ENTRIES SHOWN ▸
- Opening Delimiter -
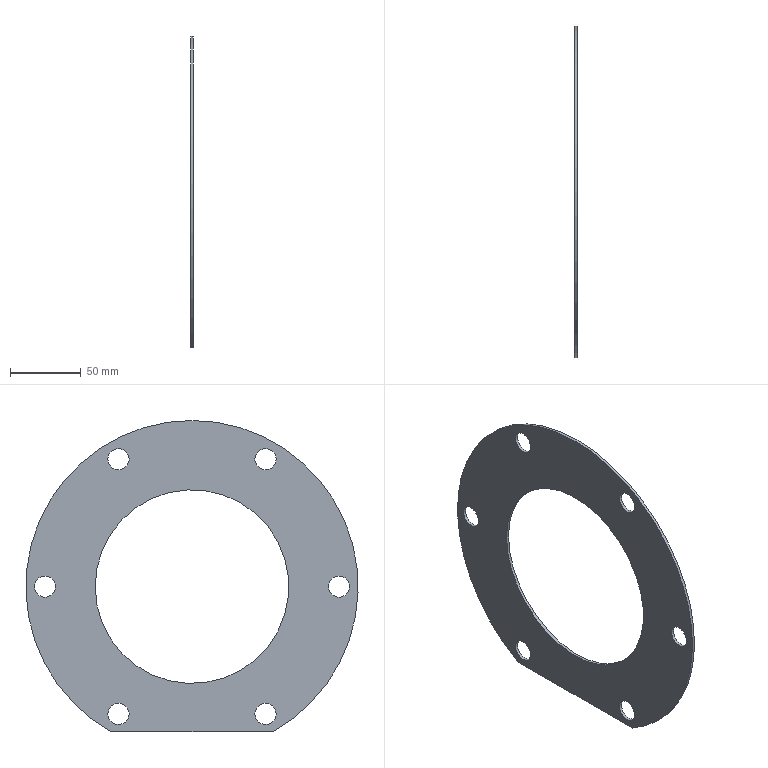Component | NX | T2_GASKET | 1 solid | 11 faces | box 2 x 235 x 220 mm | volume 52816 mm3 | cylinder 8 | plane 3 | commonest cylinder face diameters 15 x6 137 x1 235 x1
STEP:
#1=CARTESIAN_POINT('',(0.,0.,0.));
#2=DIRECTION('',(0.,0.,1.));
#3=DIRECTION('',(1.,0.,0.));
#4=AXIS2_PLACEMENT_3D('',#1,#2,#3);
#5=CARTESIAN_POINT('',(223.,-57.446,-105.5));
#6=VERTEX_POINT('',#5);
#7=CARTESIAN_POINT('',(223.,57.446,-105.5));
#8=VERTEX_POINT('',#7);
#9=CARTESIAN_POINT('',(223.,-57.446,-105.5));
#10=DIRECTION('',(0.,1.,0.));
#11=VECTOR('',#10,1.);
#12=LINE('',#9,#11);
#13=CARTESIAN_POINT('',(225.,-57.446,-105.5));
#14=DIRECTION('',(0.,0.,1.));
#15=DIRECTION('',(0.,1.,0.));
#16=AXIS2_PLACEMENT_3D('',#13,#14,#15);
#17=PLANE('',#16);
#18=CARTESIAN_POINT('',(0.,2.));
#19=DIRECTION('',(1.,0.));
#20=VECTOR('',#19,1.);
#21=LINE('',#18,#20);
#22=(GEOMETRIC_REPRESENTATION_CONTEXT(2)PARAMETRIC_REPRESENTATION_CONTEXT()REPRESENTATION_CONTEXT('',''));
#23=DEFINITIONAL_REPRESENTATION('',(#21),#22);
#24=PCURVE('',#17,#23);
#25=CARTESIAN_POINT('',(223.,0.,-3.));
#26=DIRECTION('',(1.,0.,0.));
#27=DIRECTION('',(0.,0.,-1.));
#28=AXIS2_PLACEMENT_3D('',#25,#26,#27);
#29=PLANE('',#28);
#30=CARTESIAN_POINT('',(102.5,-57.446));
#31=DIRECTION('',(0.,1.));
#32=VECTOR('',#31,1.);
#33=LINE('',#30,#32);
#34=(GEOMETRIC_REPRESENTATION_CONTEXT(2)PARAMETRIC_REPRESENTATION_CONTEXT()REPRESENTATION_CONTEXT('',''));
#35=DEFINITIONAL_REPRESENTATION('',(#33),#34);
#36=PCURVE('',#29,#35);
#37=SURFACE_CURVE('',#12,(#24,#36),.PCURVE_S1.);
#38=EDGE_CURVE('',#6,#8,#37,.T.);
#39=ORIENTED_EDGE('',*,*,#38,.T.);
#40=CARTESIAN_POINT('',(225.,57.446,-105.5));
#41=VERTEX_POINT('',#40);
#42=CARTESIAN_POINT('',(225.,57.446,-105.5));
#43=DIRECTION('',(-1.,0.,0.));
#44=VECTOR('',#43,1.);
#45=LINE('',#42,#44);
#46=CARTESIAN_POINT('',(114.891,0.));
#47=DIRECTION('',(0.,1.));
#48=VECTOR('',#47,1.);
#49=LINE('',#46,#48);
#50=(GEOMETRIC_REPRESENTATION_CONTEXT(2)PARAMETRIC_REPRESENTATION_CONTEXT()REPRESENTATION_CONTEXT('',''));
#51=DEFINITIONAL_REPRESENTATION('',(#49),#50);
#52=PCURVE('',#17,#51);
#53=CARTESIAN_POINT('',(225.,0.,-3.));
#54=DIRECTION('',(-1.,0.,0.));
#55=DIRECTION('',(0.,0.,1.));
#56=AXIS2_PLACEMENT_3D('',#53,#54,#55);
#57=CYLINDRICAL_SURFACE('',#56,117.5);
#58=CARTESIAN_POINT('',(2.631,0.));
#59=DIRECTION('',(0.,1.));
#60=VECTOR('',#59,1.);
#61=LINE('',#58,#60);
#62=(GEOMETRIC_REPRESENTATION_CONTEXT(2)PARAMETRIC_REPRESENTATION_CONTEXT()REPRESENTATION_CONTEXT('',''));
#63=DEFINITIONAL_REPRESENTATION('',(#61),#62);
#64=PCURVE('',#57,#63);
#65=SURFACE_CURVE('',#45,(#52,#64),.PCURVE_S1.);
#66=EDGE_CURVE('',#41,#8,#65,.T.);
#67=ORIENTED_EDGE('',*,*,#66,.F.);
#68=CARTESIAN_POINT('',(225.,-57.446,-105.5));
#69=VERTEX_POINT('',#68);
#70=CARTESIAN_POINT('',(225.,-57.446,-105.5));
#71=DIRECTION('',(0.,1.,0.));
#72=VECTOR('',#71,1.);
#73=LINE('',#70,#72);
#74=CARTESIAN_POINT('',(0.,0.));
#75=DIRECTION('',(1.,0.));
#76=VECTOR('',#75,1.);
#77=LINE('',#74,#76);
#78=(GEOMETRIC_REPRESENTATION_CONTEXT(2)PARAMETRIC_REPRESENTATION_CONTEXT()REPRESENTATION_CONTEXT('',''));
#79=DEFINITIONAL_REPRESENTATION('',(#77),#78);
#80=PCURVE('',#17,#79);
#81=CARTESIAN_POINT('',(225.,0.,-3.));
#82=DIRECTION('',(1.,0.,0.));
#83=DIRECTION('',(0.,0.,-1.));
#84=AXIS2_PLACEMENT_3D('',#81,#82,#83);
#85=PLANE('',#84);
#86=CARTESIAN_POINT('',(102.5,-57.446));
#87=DIRECTION('',(0.,1.));
#88=VECTOR('',#87,1.);
#89=LINE('',#86,#88);
#90=(GEOMETRIC_REPRESENTATION_CONTEXT(2)PARAMETRIC_REPRESENTATION_CONTEXT()REPRESENTATION_CONTEXT('',''));
#91=DEFINITIONAL_REPRESENTATION('',(#89),#90);
#92=PCURVE('',#85,#91);
#93=SURFACE_CURVE('',#73,(#80,#92),.PCURVE_S1.);
#94=EDGE_CURVE('',#69,#41,#93,.T.);
#95=ORIENTED_EDGE('',*,*,#94,.F.);
#96=CARTESIAN_POINT('',(225.,-57.446,-105.5));
#97=DIRECTION('',(1.,0.,0.));
#98=VECTOR('',#97,1.);
#99=LINE('',#96,#98);
#100=CARTESIAN_POINT('',(0.,0.));
#101=DIRECTION('',(0.,-1.));
#102=VECTOR('',#101,1.);
#103=LINE('',#100,#102);
#104=(GEOMETRIC_REPRESENTATION_CONTEXT(2)PARAMETRIC_REPRESENTATION_CONTEXT()REPRESENTATION_CONTEXT('',''));
#105=DEFINITIONAL_REPRESENTATION('',(#103),#104);
#106=PCURVE('',#17,#105);
#107=CARTESIAN_POINT('',(-2.631,0.));
#108=DIRECTION('',(0.,-1.));
#109=VECTOR('',#108,1.);
#110=LINE('',#107,#109);
#111=(GEOMETRIC_REPRESENTATION_CONTEXT(2)PARAMETRIC_REPRESENTATION_CONTEXT()REPRESENTATION_CONTEXT('',''));
#112=DEFINITIONAL_REPRESENTATION('',(#110),#111);
#113=PCURVE('',#57,#112);
#114=SURFACE_CURVE('',#99,(#106,#113),.PCURVE_S1.);
#115=EDGE_CURVE('',#6,#69,#114,.T.);
#116=ORIENTED_EDGE('',*,*,#115,.F.);
#117=EDGE_LOOP('',(#39,#67,#95,#116));
#118=FACE_BOUND('',#117,.T.);
#119=ADVANCED_FACE('',(#118),#17,.F.);
#120=CARTESIAN_POINT('',(225.,55.75,-99.562));
#121=VERTEX_POINT('',#120);
#122=CARTESIAN_POINT('',(225.,52.,-93.067));
#123=DIRECTION('',(1.,0.,0.));
#124=DIRECTION('',(0.,0.5,-0.866));
#125=AXIS2_PLACEMENT_3D('',#122,#123,#124);
#126=CIRCLE('',#125,7.5);
#127=CARTESIAN_POINT('',(225.,52.,-93.067));
#128=DIRECTION('',(-1.,0.,0.));
#129=DIRECTION('',(0.,0.,1.));
#130=AXIS2_PLACEMENT_3D('',#127,#128,#129);
#131=CYLINDRICAL_SURFACE('',#130,7.5);
#132=CARTESIAN_POINT('',(8.901,0.));
#133=DIRECTION('',(-1.,0.));
#134=VECTOR('',#133,1.);
#135=LINE('',#132,#134);
#136=(GEOMETRIC_REPRESENTATION_CONTEXT(2)PARAMETRIC_REPRESENTATION_CONTEXT()REPRESENTATION_CONTEXT('',''));
#137=DEFINITIONAL_REPRESENTATION('',(#135),#136);
#138=PCURVE('',#131,#137);
#139=CARTESIAN_POINT('',(90.067,52.));
#140=DIRECTION('',(0.866,0.5));
#141=AXIS2_PLACEMENT_2D('',#139,#140);
#142=CIRCLE('',#141,7.5);
#143=(GEOMETRIC_REPRESENTATION_CONTEXT(2)PARAMETRIC_REPRESENTATION_CONTEXT()REPRESENTATION_CONTEXT('',''));
#144=DEFINITIONAL_REPRESENTATION('',(#142),#143);
#145=PCURVE('',#85,#144);
#146=SURFACE_CURVE('',#126,(#138,#145),.PCURVE_S1.);
#147=EDGE_CURVE('',#121,#121,#146,.T.);
#148=ORIENTED_EDGE('',*,*,#147,.F.);
#149=CARTESIAN_POINT('',(223.,55.75,-99.562));
#150=VERTEX_POINT('',#149);
#151=CARTESIAN_POINT('',(225.,55.75,-99.562));
#152=CARTESIAN_POINT('',(223.,55.75,-99.562));
#153=B_SPLINE_CURVE_WITH_KNOTS('',1,(#151,#152),.UNSPECIFIED.,.F.,.F.,(2,2),(0.,2.),.PIECEWISE_BEZIER_KNOTS.);
#154=CARTESIAN_POINT('',(8.901,0.));
#155=DIRECTION('',(0.,1.));
#156=VECTOR('',#155,1.);
#157=LINE('',#154,#156);
#158=(GEOMETRIC_REPRESENTATION_CONTEXT(2)PARAMETRIC_REPRESENTATION_CONTEXT()REPRESENTATION_CONTEXT('',''));
#159=DEFINITIONAL_REPRESENTATION('',(#157),#158);
#160=PCURVE('',#131,#159);
#161=CARTESIAN_POINT('',(2.618,0.));
#162=DIRECTION('',(0.,1.));
#163=VECTOR('',#162,1.);
#164=LINE('',#161,#163);
#165=(GEOMETRIC_REPRESENTATION_CONTEXT(2)PARAMETRIC_REPRESENTATION_CONTEXT()REPRESENTATION_CONTEXT('',''));
#166=DEFINITIONAL_REPRESENTATION('',(#164),#165);
#167=PCURVE('',#131,#166);
#168=SEAM_CURVE('',#153,(#160,#167),.PCURVE_S1.);
#169=EDGE_CURVE('',#121,#150,#168,.T.);
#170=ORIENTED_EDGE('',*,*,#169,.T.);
- Closing Delimiter -
WHAT THE TASK REQUIRES ▸
In the material above, locate the line containing "#2=DIRECTION('',(0.,0.,1.));" and the line containing "#12=LINE('',#9,#11);". Transcribe exactly those two lines and every line between them, and nothing more.

RESULT ▸
#2=DIRECTION('',(0.,0.,1.));
#3=DIRECTION('',(1.,0.,0.));
#4=AXIS2_PLACEMENT_3D('',#1,#2,#3);
#5=CARTESIAN_POINT('',(223.,-57.446,-105.5));
#6=VERTEX_POINT('',#5);
#7=CARTESIAN_POINT('',(223.,57.446,-105.5));
#8=VERTEX_POINT('',#7);
#9=CARTESIAN_POINT('',(223.,-57.446,-105.5));
#10=DIRECTION('',(0.,1.,0.));
#11=VECTOR('',#10,1.);
#12=LINE('',#9,#11);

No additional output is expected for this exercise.